The task => Take each line of the entries below that contains "number" and copy it.

Listed records =>

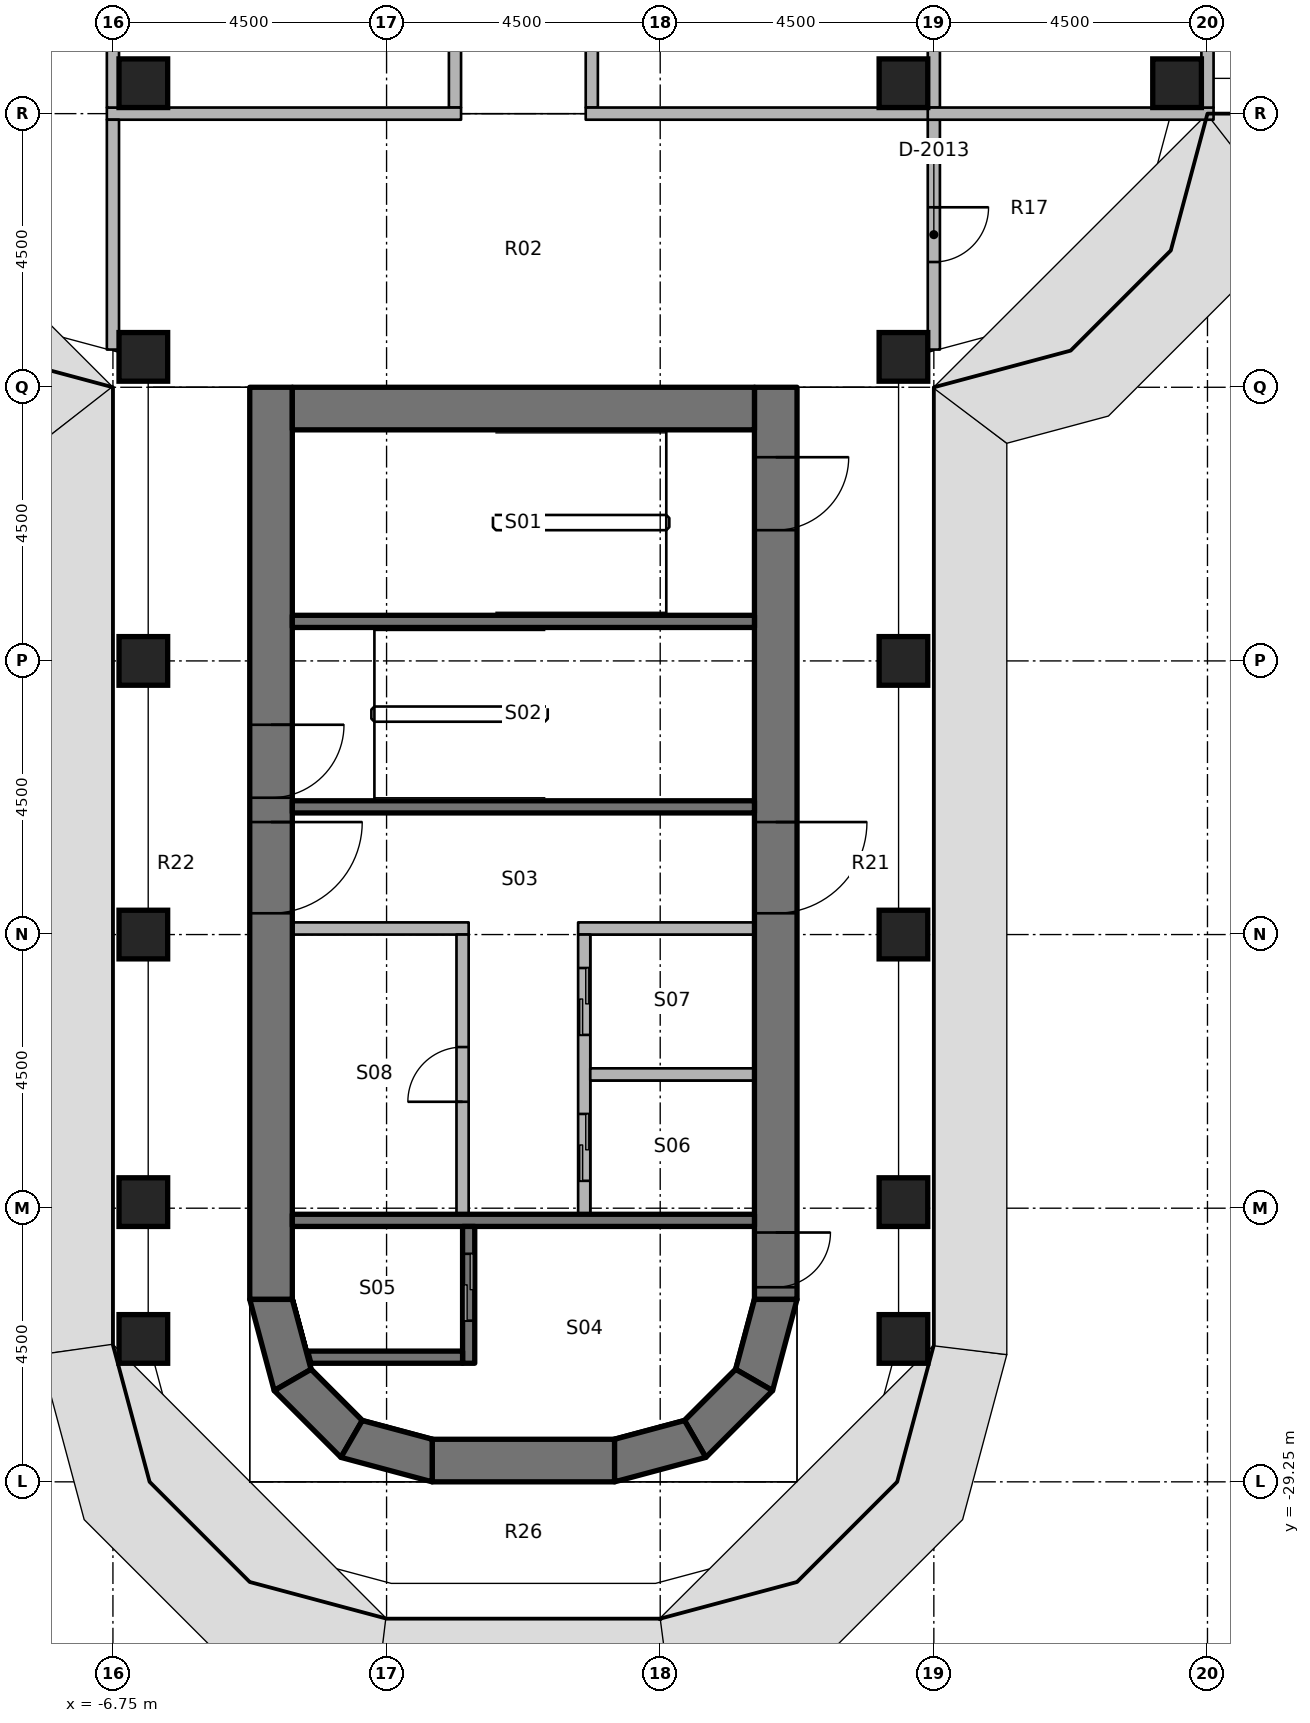
"""IFC4 building model, lengths in metres.
Left out: names, types, materials, properties, quantities, classifications, styles, units other than length and angle.
Written with IfcOpenShell. Run it as: python <this file> out.ifc"""

import sys

from ifc_helpers import new_model, si_unit, direction, frame, frame_2d, origin, origin_2d, place, context, subcontext, project, spatial, polyline, rectangle, outline, extrude, element, fill, save


model = new_model("IFC4")
c1 = context("Model", 3, precision=1e-05, world=origin(), true_north=direction((0.0, 1.0)))
c2 = subcontext(c1, "Body", "Model", "MODEL_VIEW")
j1 = project(units=[si_unit("LENGTHUNIT", "METRE"), si_unit("PLANEANGLEUNIT", "RADIAN")], contexts=[c1])
p1 = place(None, origin())
s1 = spatial("IfcSite", under=j1, at=p1, CompositionType="ELEMENT")
p2 = place(p1, origin())
s2 = spatial("IfcBuilding", under=s1, at=p2, CompositionType="ELEMENT")
p3 = place(p2, frame((0.0, 0.0, 186.6)))
s3 = spatial("IfcBuildingStorey", under=s2, at=p3, CompositionType="ELEMENT", Elevation=186.6)
for number, where, z_axis, x_axis in (
    (1, (-6.25, -26.9, 0.0), (0.0, 0.0, 1.0), (1.0, 0.0, 0.0)),
    (2, (-6.25, -24.65, 0.0), (0.0, 0.0, 1.0), (1.0, 0.0, 0.0)),
    (3, (-6.25, -20.25, 0.0), (0.0, 0.0, 1.0), (1.0, 0.0, 0.0)),
    (4, (-6.25, -15.75, 0.0), (0.0, 0.0, 1.0), (1.0, 0.0, 0.0)),
    (5, (-6.25, -10.75, 0.0), (0.0, 0.0, 1.0), (1.0, 0.0, 0.0)),
    (6, (-6.25, -6.25, 0.0), (0.0, 0.0, 1.0), (1.0, 0.0, 0.0)),
    (7, (6.25, -26.9, 0.0), (0.0, 0.0, 1.0), (1.0, 0.0, 0.0)),
    (8, (6.25, -24.65, 0.0), (0.0, 0.0, 1.0), (1.0, 0.0, 0.0)),
    (9, (6.25, -20.25, 0.0), (0.0, 0.0, 1.0), (1.0, 0.0, 0.0)),
    (10, (6.25, -15.75, 0.0), (0.0, 0.0, 1.0), (1.0, 0.0, 0.0)),
    (11, (6.25, -10.75, 0.0), (0.0, 0.0, 1.0), (1.0, 0.0, 0.0)),
    (12, (6.25, -6.25, 0.0), (0.0, 0.0, 1.0), (1.0, 0.0, 0.0)),
    (13, (10.75, -6.25, 0.0), (0.0, 0.0, 1.0), (1.0, 0.0, 0.0)),
):
    element("IfcColumn", number, at=place(p3, frame(where, z_axis=z_axis, x_axis=x_axis)), inside=s3, PredefinedType="COLUMN", context=c2, shape_type="SweptSolid", body=[
        extrude(rectangle(XDim=0.8, YDim=0.8, at=origin_2d()), origin(), (0.0, 0.0, 1.0), 3.65),
    ])
p4 = place(p3, frame((-4.15, -11.25, 0.0), z_axis=(0.0, 0.0, 1.0), x_axis=(0.0, -1.0, 0.0)))
e14 = element("IfcWall", 14, at=p4, inside=s3, PredefinedType="SHEAR", context=c2, shape_type="SweptSolid", body=[
    extrude(rectangle(XDim=15.0, YDim=0.7, at=frame_2d((7.5, 0.0))), origin(), (0.0, 0.0, 1.0), 3.8),
])
p5 = place(p4, frame((7.15, 0.0, 0.0)))
e15 = element("IfcOpeningElement", 15, at=p5, cuts=e14, PredefinedType="OPENING", context=c2, shape_type="SweptSolid", body=[
    extrude(rectangle(XDim=1.5, YDim=2.3, at=frame_2d((0.75, 1.15))), frame((0.0, 0.36, 0.0), z_axis=(0.0, -1.0, 0.0), x_axis=(1.0, 0.0, 0.0)), (0.0, 0.0, 1.0), 0.72),
])
p6 = place(p4, frame((5.55, 0.0, 0.0)))
e16 = element("IfcOpeningElement", 16, at=p6, cuts=e14, PredefinedType="OPENING", context=c2, shape_type="SweptSolid", body=[
    extrude(rectangle(XDim=1.2, YDim=2.1, at=frame_2d((0.6, 1.05))), frame((0.0, 0.36, 0.0), z_axis=(0.0, -1.0, 0.0), x_axis=(1.0, 0.0, 0.0)), (0.0, 0.0, 1.0), 0.72),
])
p7 = place(p3, frame((4.15, -11.25, 0.0), z_axis=(0.0, 0.0, 1.0), x_axis=(0.0, -1.0, 0.0)))
e17 = element("IfcWall", 17, at=p7, inside=s3, PredefinedType="SHEAR", context=c2, shape_type="SweptSolid", body=[
    extrude(rectangle(XDim=15.0, YDim=0.7, at=frame_2d((7.5, 0.0))), origin(), (0.0, 0.0, 1.0), 3.8),
])
p8 = place(p7, frame((7.15, 0.0, 0.0)))
e18 = element("IfcOpeningElement", 18, at=p8, cuts=e17, PredefinedType="OPENING", context=c2, shape_type="SweptSolid", body=[
    extrude(rectangle(XDim=1.5, YDim=2.3, at=frame_2d((0.75, 1.15))), frame((0.0, 0.36, 0.0), z_axis=(0.0, -1.0, 0.0), x_axis=(1.0, 0.0, 0.0)), (0.0, 0.0, 1.0), 0.72),
])
p9 = place(p7, frame((13.9, 0.0, 0.0)))
e19 = element("IfcOpeningElement", 19, at=p9, cuts=e17, PredefinedType="OPENING", context=c2, shape_type="SweptSolid", body=[
    extrude(rectangle(XDim=0.9, YDim=2.1, at=frame_2d((0.45, 1.05))), frame((0.0, 0.36, 0.0), z_axis=(0.0, -1.0, 0.0), x_axis=(1.0, 0.0, 0.0)), (0.0, 0.0, 1.0), 0.72),
])
p10 = place(p7, frame((1.15, 0.0, 0.0)))
e20 = element("IfcOpeningElement", 20, at=p10, cuts=e17, PredefinedType="OPENING", context=c2, shape_type="SweptSolid", body=[
    extrude(rectangle(XDim=1.2, YDim=2.1, at=frame_2d((0.6, 1.05))), frame((0.0, 0.36, 0.0), z_axis=(0.0, -1.0, 0.0), x_axis=(1.0, 0.0, 0.0)), (0.0, 0.0, 1.0), 0.72),
])
p11 = place(p3, frame((-3.8, -11.6, 0.0), z_axis=(0.0, 0.0, 1.0), x_axis=(1.0, 0.0, 0.0)))
e21 = element("IfcWall", 21, at=p11, inside=s3, PredefinedType="SHEAR", context=c2, shape_type="SweptSolid", body=[
    extrude(rectangle(XDim=7.6, YDim=0.7, at=frame_2d((3.8, 0.0))), origin(), (0.0, 0.0, 1.0), 3.8),
])
p12 = place(p3, frame((-1.5, -28.9, 0.0), z_axis=(0.0, 0.0, 1.0), x_axis=(1.0, 0.0, 0.0)))
e22 = element("IfcWall", 22, at=p12, inside=s3, PredefinedType="SHEAR", context=c2, shape_type="SweptSolid", body=[
    extrude(rectangle(XDim=3.0, YDim=0.7, at=frame_2d((1.5, 0.0))), origin(), (0.0, 0.0, 1.0), 3.8),
])
p13 = place(p3, origin())
e23 = element("IfcWall", 23, at=p13, inside=s3, PredefinedType="SHEAR", context=c2, shape_type="SweptSolid", body=[
    extrude(outline(polyline([(-4.5, -26.25), (-4.098, -27.75), (-3.492, -27.4), (-3.8, -26.25), (-4.5, -26.25)])), origin(), (0.0, 0.0, 1.0), 3.8),
])
p14 = place(p3, origin())
e24 = element("IfcWall", 24, at=p14, inside=s3, PredefinedType="SHEAR", context=c2, shape_type="SweptSolid", body=[
    extrude(outline(polyline([(-4.098, -27.75), (-3.0, -28.848), (-2.65, -28.242), (-3.492, -27.4), (-4.098, -27.75)])), origin(), (0.0, 0.0, 1.0), 3.8),
])
p15 = place(p3, origin())
e25 = element("IfcWall", 25, at=p15, inside=s3, PredefinedType="SHEAR", context=c2, shape_type="SweptSolid", body=[
    extrude(outline(polyline([(-3.0, -28.848), (-1.5, -29.25), (-1.5, -28.55), (-2.65, -28.242), (-3.0, -28.848)])), origin(), (0.0, 0.0, 1.0), 3.8),
])
p16 = place(p3, origin())
e26 = element("IfcWall", 26, at=p16, inside=s3, PredefinedType="SHEAR", context=c2, shape_type="SweptSolid", body=[
    extrude(outline(polyline([(4.5, -26.25), (4.098, -27.75), (3.492, -27.4), (3.8, -26.25), (4.5, -26.25)])), origin(), (0.0, 0.0, 1.0), 3.8),
])
p17 = place(p3, origin())
e27 = element("IfcWall", 27, at=p17, inside=s3, PredefinedType="SHEAR", context=c2, shape_type="SweptSolid", body=[
    extrude(outline(polyline([(4.098, -27.75), (3.0, -28.848), (2.65, -28.242), (3.492, -27.4), (4.098, -27.75)])), origin(), (0.0, 0.0, 1.0), 3.8),
])
p18 = place(p3, origin())
e28 = element("IfcWall", 28, at=p18, inside=s3, PredefinedType="SHEAR", context=c2, shape_type="SweptSolid", body=[
    extrude(outline(polyline([(3.0, -28.848), (1.5, -29.25), (1.5, -28.55), (2.65, -28.242), (3.0, -28.848)])), origin(), (0.0, 0.0, 1.0), 3.8),
])
p19 = place(p3, frame((3.8, -24.95, 0.0), z_axis=(0.0, 0.0, 1.0), x_axis=(-1.0, 0.0, 0.0)))
e29 = element("IfcWall", 29, at=p19, inside=s3, PredefinedType="SHEAR", context=c2, shape_type="SweptSolid", body=[
    extrude(rectangle(XDim=7.6, YDim=0.2, at=frame_2d((3.8, 0.0))), origin(), (0.0, 0.0, 1.0), 3.65),
])
p20 = place(p3, frame((-0.9, -27.3, 0.0), z_axis=(0.0, 0.0, 1.0), x_axis=(0.0, 1.0, 0.0)))
e30 = element("IfcWall", 30, at=p20, inside=s3, PredefinedType="SHEAR", context=c2, shape_type="SweptSolid", body=[
    extrude(rectangle(XDim=2.25, YDim=0.2, at=frame_2d((1.125, 0.0))), origin(), (0.0, 0.0, 1.0), 3.65),
])
p21 = place(p20, frame((0.7, 0.0, 0.0)))
e31 = element("IfcOpeningElement", 31, at=p21, cuts=e30, PredefinedType="OPENING", context=c2, shape_type="SweptSolid", body=[
    extrude(rectangle(XDim=1.1, YDim=2.3, at=frame_2d((0.55, 1.15))), frame((0.0, 0.11, 0.0), z_axis=(0.0, -1.0, 0.0), x_axis=(1.0, 0.0, 0.0)), (0.0, 0.0, 1.0), 0.22),
])
p22 = place(p3, origin())
e32 = element("IfcWall", 32, at=p22, inside=s3, PredefinedType="SHEAR", context=c2, shape_type="SweptSolid", body=[
    extrude(outline(polyline([(-1.0, -27.1), (-3.548, -27.1), (-3.494, -27.3), (-1.0, -27.3), (-1.0, -27.1)])), origin(), (0.0, 0.0, 1.0), 3.65),
])
for number, where, z_axis, x_axis in (
    (33, (3.8, -18.15, 0.0), (0.0, 0.0, 1.0), (-1.0, 0.0, 0.0)),
    (34, (3.8, -15.1, 0.0), (0.0, 0.0, 1.0), (-1.0, 0.0, 0.0)),
):
    element("IfcWall", number, at=place(p3, frame(where, z_axis=z_axis, x_axis=x_axis)), inside=s3, PredefinedType="SHEAR", context=c2, shape_type="SweptSolid", body=[
        extrude(rectangle(XDim=7.6, YDim=0.2, at=frame_2d((3.8, 0.0))), origin(), (0.0, 0.0, 1.0), 3.65),
    ])
p23 = place(p3, frame((3.8, -20.15, 0.0), z_axis=(0.0, 0.0, 1.0), x_axis=(-1.0, 0.0, 0.0)))
e35 = element("IfcWall", 35, at=p23, inside=s3, PredefinedType="PARTITIONING", context=c2, shape_type="SweptSolid", body=[
    extrude(rectangle(XDim=2.9, YDim=0.2, at=frame_2d((1.45, 0.0))), origin(), (0.0, 0.0, 1.0), 3.65),
])
p24 = place(p3, frame((1.0, -24.85, 0.0), z_axis=(0.0, 0.0, 1.0), x_axis=(0.0, 1.0, 0.0)))
e36 = element("IfcWall", 36, at=p24, inside=s3, PredefinedType="PARTITIONING", context=c2, shape_type="SweptSolid", body=[
    extrude(rectangle(XDim=4.6, YDim=0.2, at=frame_2d((2.3, 0.0))), origin(), (0.0, 0.0, 1.0), 3.65),
])
p25 = place(p24, frame((0.55, 0.0, 0.0)))
e37 = element("IfcOpeningElement", 37, at=p25, cuts=e36, PredefinedType="OPENING", context=c2, shape_type="SweptSolid", body=[
    extrude(rectangle(XDim=1.1, YDim=2.3, at=frame_2d((0.55, 1.15))), frame((0.0, 0.11, 0.0), z_axis=(0.0, -1.0, 0.0), x_axis=(1.0, 0.0, 0.0)), (0.0, 0.0, 1.0), 0.22),
])
p26 = place(p24, frame((2.95, 0.0, 0.0)))
e38 = element("IfcOpeningElement", 38, at=p26, cuts=e36, PredefinedType="OPENING", context=c2, shape_type="SweptSolid", body=[
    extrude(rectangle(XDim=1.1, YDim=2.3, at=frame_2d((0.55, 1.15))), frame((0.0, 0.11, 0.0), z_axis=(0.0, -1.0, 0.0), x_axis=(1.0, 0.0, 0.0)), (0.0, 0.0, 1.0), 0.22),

Answer space =>
for number, where, z_axis, x_axis in (
    element("IfcColumn", number, at=place(p3, frame(where, z_axis=z_axis, x_axis=x_axis)), inside=s3, PredefinedType="COLUMN", context=c2, shape_type="SweptSolid", body=[
for number, where, z_axis, x_axis in (
    element("IfcWall", number, at=place(p3, frame(where, z_axis=z_axis, x_axis=x_axis)), inside=s3, PredefinedType="SHEAR", context=c2, shape_type="SweptSolid", body=[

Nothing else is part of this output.